• [Your goal]:
From the data below, repeat exactly the lines from the line with "#7=CARTESIAN_POINT('',(19.707,-2.293,-140.838));" to the line with "#14=CARTESIAN_POINT('',(19.707,0.,-146.111));", both included.
[Start of Attachment]
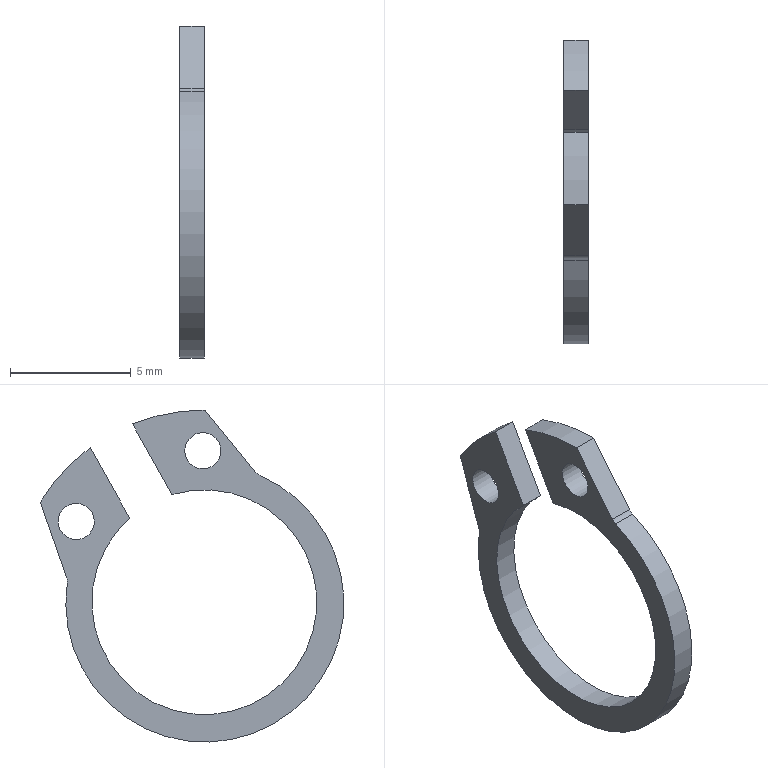Component | NX | RETAINING_RING | 1 solid | 14 faces | box 1 x 12.55 x 13.73 mm | volume 46 mm3 | cylinder 8 | plane 6 | commonest cylinder face diameters 15.9 x2 1.5 x2 1 x2 11.5 x1 9.3 x1
STEP:
#1=CARTESIAN_POINT('',(0.,0.,0.));
#2=DIRECTION('',(0.,0.,1.));
#3=DIRECTION('',(1.,0.,0.));
#4=AXIS2_PLACEMENT_3D('',#1,#2,#3);
#5=CARTESIAN_POINT('',(19.707,5.692,-145.299));
#6=VERTEX_POINT('',#5);
#7=CARTESIAN_POINT('',(19.707,-2.293,-140.838));
#8=VERTEX_POINT('',#7);
#9=CARTESIAN_POINT('',(19.707,0.,-146.111));
#10=DIRECTION('',(-1.,0.,0.));
#11=DIRECTION('',(0.,-0.873,0.4877));
#12=AXIS2_PLACEMENT_3D('',#9,#10,#11);
#13=CIRCLE('',#12,5.75);
#14=CARTESIAN_POINT('',(19.707,0.,-146.111));
#15=DIRECTION('',(-1.,0.,0.));
#16=DIRECTION('',(0.,0.873,-0.4877));
#17=AXIS2_PLACEMENT_3D('',#14,#15,#16);
#18=CYLINDRICAL_SURFACE('',#17,5.75);
#19=CARTESIAN_POINT('',(-3.142,0.));
#20=DIRECTION('',(1.,0.));
#21=VECTOR('',#20,1.);
#22=LINE('',#19,#21);
#23=(GEOMETRIC_REPRESENTATION_CONTEXT(2)PARAMETRIC_REPRESENTATION_CONTEXT()REPRESENTATION_CONTEXT('',''));
#24=DEFINITIONAL_REPRESENTATION('',(#22),#23);
#25=PCURVE('',#18,#24);
#26=CARTESIAN_POINT('',(19.707,0.,-146.111));
#27=DIRECTION('',(-1.,0.,0.));
#28=DIRECTION('',(0.,0.873,-0.4877));
#29=AXIS2_PLACEMENT_3D('',#26,#27,#28);
#30=PLANE('',#29);
#31=CARTESIAN_POINT('',(0.,0.));
#32=DIRECTION('',(-1.,0.));
#33=AXIS2_PLACEMENT_2D('',#31,#32);
#34=CIRCLE('',#33,5.75);
#35=(GEOMETRIC_REPRESENTATION_CONTEXT(2)PARAMETRIC_REPRESENTATION_CONTEXT()REPRESENTATION_CONTEXT('',''));
#36=DEFINITIONAL_REPRESENTATION('',(#34),#35);
#37=PCURVE('',#30,#36);
#38=SURFACE_CURVE('',#13,(#25,#37),.PCURVE_S1.);
#39=EDGE_CURVE('',#6,#8,#38,.T.);
#40=ORIENTED_EDGE('',*,*,#39,.T.);
#41=CARTESIAN_POINT('',(18.707,-2.293,-140.838));
#42=VERTEX_POINT('',#41);
#43=CARTESIAN_POINT('',(19.707,-2.293,-140.838));
#44=DIRECTION('',(-1.,0.,0.));
#45=VECTOR('',#44,1.);
#46=LINE('',#43,#45);
#47=CARTESIAN_POINT('',(3.793,0.));
#48=DIRECTION('',(0.,1.));
#49=VECTOR('',#48,1.);
#50=LINE('',#47,#49);
#51=(GEOMETRIC_REPRESENTATION_CONTEXT(2)PARAMETRIC_REPRESENTATION_CONTEXT()REPRESENTATION_CONTEXT('',''));
#52=DEFINITIONAL_REPRESENTATION('',(#50),#51);
#53=PCURVE('',#18,#52);
#54=CARTESIAN_POINT('',(19.707,-2.492,-140.38));
#55=DIRECTION('',(-1.,0.,0.));
#56=DIRECTION('',(0.,0.873,-0.4877));
#57=AXIS2_PLACEMENT_3D('',#54,#55,#56);
#58=CYLINDRICAL_SURFACE('',#57,0.5);
#59=CARTESIAN_POINT('',(0.6512,0.));
#60=DIRECTION('',(0.,1.));
#61=VECTOR('',#60,1.);
#62=LINE('',#59,#61);
#63=(GEOMETRIC_REPRESENTATION_CONTEXT(2)PARAMETRIC_REPRESENTATION_CONTEXT()REPRESENTATION_CONTEXT('',''));
#64=DEFINITIONAL_REPRESENTATION('',(#62),#63);
#65=PCURVE('',#58,#64);
#66=SURFACE_CURVE('',#46,(#53,#65),.PCURVE_S1.);
#67=EDGE_CURVE('',#8,#42,#66,.T.);
#68=ORIENTED_EDGE('',*,*,#67,.T.);
#69=CARTESIAN_POINT('',(18.707,5.692,-145.299));
#70=VERTEX_POINT('',#69);
#71=CARTESIAN_POINT('',(18.707,0.,-146.111));
#72=DIRECTION('',(-1.,0.,0.));
#73=DIRECTION('',(0.,-0.873,0.4877));
#74=AXIS2_PLACEMENT_3D('',#71,#72,#73);
#75=CIRCLE('',#74,5.75);
#76=CARTESIAN_POINT('',(-3.142,1.));
#77=DIRECTION('',(1.,0.));
#78=VECTOR('',#77,1.);
#79=LINE('',#76,#78);
#80=(GEOMETRIC_REPRESENTATION_CONTEXT(2)PARAMETRIC_REPRESENTATION_CONTEXT()REPRESENTATION_CONTEXT('',''));
#81=DEFINITIONAL_REPRESENTATION('',(#79),#80);
#82=PCURVE('',#18,#81);
#83=CARTESIAN_POINT('',(18.707,0.,-146.111));
#84=DIRECTION('',(-1.,0.,0.));
#85=DIRECTION('',(0.,0.873,-0.4877));
#86=AXIS2_PLACEMENT_3D('',#83,#84,#85);
#87=PLANE('',#86);
#88=CARTESIAN_POINT('',(0.,0.));
#89=DIRECTION('',(-1.,0.));
#90=AXIS2_PLACEMENT_2D('',#88,#89);
#91=CIRCLE('',#90,5.75);
#92=(GEOMETRIC_REPRESENTATION_CONTEXT(2)PARAMETRIC_REPRESENTATION_CONTEXT()REPRESENTATION_CONTEXT('',''));
#93=DEFINITIONAL_REPRESENTATION('',(#91),#92);
#94=PCURVE('',#87,#93);
#95=SURFACE_CURVE('',#75,(#82,#94),.PCURVE_S1.);
#96=EDGE_CURVE('',#70,#42,#95,.T.);
#97=ORIENTED_EDGE('',*,*,#96,.F.);
#98=CARTESIAN_POINT('',(19.707,5.692,-145.299));
#99=DIRECTION('',(1.,0.,0.));
#100=VECTOR('',#99,1.);
#101=LINE('',#98,#100);
#102=CARTESIAN_POINT('',(-0.6512,0.));
#103=DIRECTION('',(0.,-1.));
#104=VECTOR('',#103,1.);
#105=LINE('',#102,#104);
#106=(GEOMETRIC_REPRESENTATION_CONTEXT(2)PARAMETRIC_REPRESENTATION_CONTEXT()REPRESENTATION_CONTEXT('',''));
#107=DEFINITIONAL_REPRESENTATION('',(#105),#106);
#108=PCURVE('',#18,#107);
#109=CARTESIAN_POINT('',(19.707,6.187,-145.228));
#110=DIRECTION('',(-1.,0.,0.));
#111=DIRECTION('',(0.,0.873,-0.4877));
#112=AXIS2_PLACEMENT_3D('',#109,#110,#111);
#113=CYLINDRICAL_SURFACE('',#112,0.5);
#114=CARTESIAN_POINT('',(2.49,0.));
#115=DIRECTION('',(0.,-1.));
#116=VECTOR('',#115,1.);
#117=LINE('',#114,#116);
#118=(GEOMETRIC_REPRESENTATION_CONTEXT(2)PARAMETRIC_REPRESENTATION_CONTEXT()REPRESENTATION_CONTEXT('',''));
#119=DEFINITIONAL_REPRESENTATION('',(#117),#118);
#120=PCURVE('',#113,#119);
#121=SURFACE_CURVE('',#101,(#108,#120),.PCURVE_S1.);
#122=EDGE_CURVE('',#70,#6,#121,.T.);
#123=ORIENTED_EDGE('',*,*,#122,.T.);
#124=EDGE_LOOP('',(#40,#68,#97,#123));
#125=FACE_BOUND('',#124,.T.);
#126=ADVANCED_FACE('',(#125),#18,.T.);
#127=CARTESIAN_POINT('',(18.707,-2.105,-140.696));
#128=VERTEX_POINT('',#127);
#129=CARTESIAN_POINT('',(18.707,-0.01008,-138.126));
#130=VERTEX_POINT('',#129);
#131=CARTESIAN_POINT('',(18.707,-2.183,-140.792));
#132=DIRECTION('',(0.,0.6319,0.7751));
#133=VECTOR('',#132,1.);
#134=LINE('',#131,#133);
#135=CARTESIAN_POINT('',(19.707,-2.183,-140.792));
#136=DIRECTION('',(0.,-0.7751,0.6319));
#137=DIRECTION('',(0.,-0.6319,-0.7751));
#138=AXIS2_PLACEMENT_3D('',#135,#136,#137);
#139=PLANE('',#138);
#140=CARTESIAN_POINT('',(0.,-1.));
#141=DIRECTION('',(-1.,0.));
#142=VECTOR('',#141,1.);
#143=LINE('',#140,#142);
#144=(GEOMETRIC_REPRESENTATION_CONTEXT(2)PARAMETRIC_REPRESENTATION_CONTEXT()REPRESENTATION_CONTEXT('',''));
#145=DEFINITIONAL_REPRESENTATION('',(#143),#144);
#146=PCURVE('',#139,#145);
#147=CARTESIAN_POINT('',(-4.5,-3.579));
#148=DIRECTION('',(0.1736,-0.9848));
#149=VECTOR('',#148,1.);
#150=LINE('',#147,#149);
#151=(GEOMETRIC_REPRESENTATION_CONTEXT(2)PARAMETRIC_REPRESENTATION_CONTEXT()REPRESENTATION_CONTEXT('',''));
#152=DEFINITIONAL_REPRESENTATION('',(#150),#151);
#153=PCURVE('',#87,#152);
#154=SURFACE_CURVE('',#134,(#146,#153),.PCURVE_S1.);
#155=EDGE_CURVE('',#128,#130,#154,.T.);
#156=ORIENTED_EDGE('',*,*,#155,.F.);
#157=CARTESIAN_POINT('',(19.707,-2.105,-140.696));
#158=VERTEX_POINT('',#157);
#159=CARTESIAN_POINT('',(19.707,-2.105,-140.696));
#160=DIRECTION('',(1.,0.,0.));
#161=VECTOR('',#160,1.);
#162=LINE('',#159,#161);
#163=CARTESIAN_POINT('',(-0.1242,0.));
#164=DIRECTION('',(0.,1.));
#165=VECTOR('',#164,1.);
#166=LINE('',#163,#165);
#167=(GEOMETRIC_REPRESENTATION_CONTEXT(2)PARAMETRIC_REPRESENTATION_CONTEXT()REPRESENTATION_CONTEXT('',''));
#168=DEFINITIONAL_REPRESENTATION('',(#166),#167);
#169=PCURVE('',#139,#168);
#170=CARTESIAN_POINT('',(0.1745,0.));
#171=DIRECTION('',(0.,-1.));
#172=VECTOR('',#171,1.);
#173=LINE('',#170,#172);
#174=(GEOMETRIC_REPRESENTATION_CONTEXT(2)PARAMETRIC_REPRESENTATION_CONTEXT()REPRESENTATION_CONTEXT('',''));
[End of Attachment]
• [Your solution]:
#7=CARTESIAN_POINT('',(19.707,-2.293,-140.838));
#8=VERTEX_POINT('',#7);
#9=CARTESIAN_POINT('',(19.707,0.,-146.111));
#10=DIRECTION('',(-1.,0.,0.));
#11=DIRECTION('',(0.,-0.873,0.4877));
#12=AXIS2_PLACEMENT_3D('',#9,#10,#11);
#13=CIRCLE('',#12,5.75);
#14=CARTESIAN_POINT('',(19.707,0.,-146.111));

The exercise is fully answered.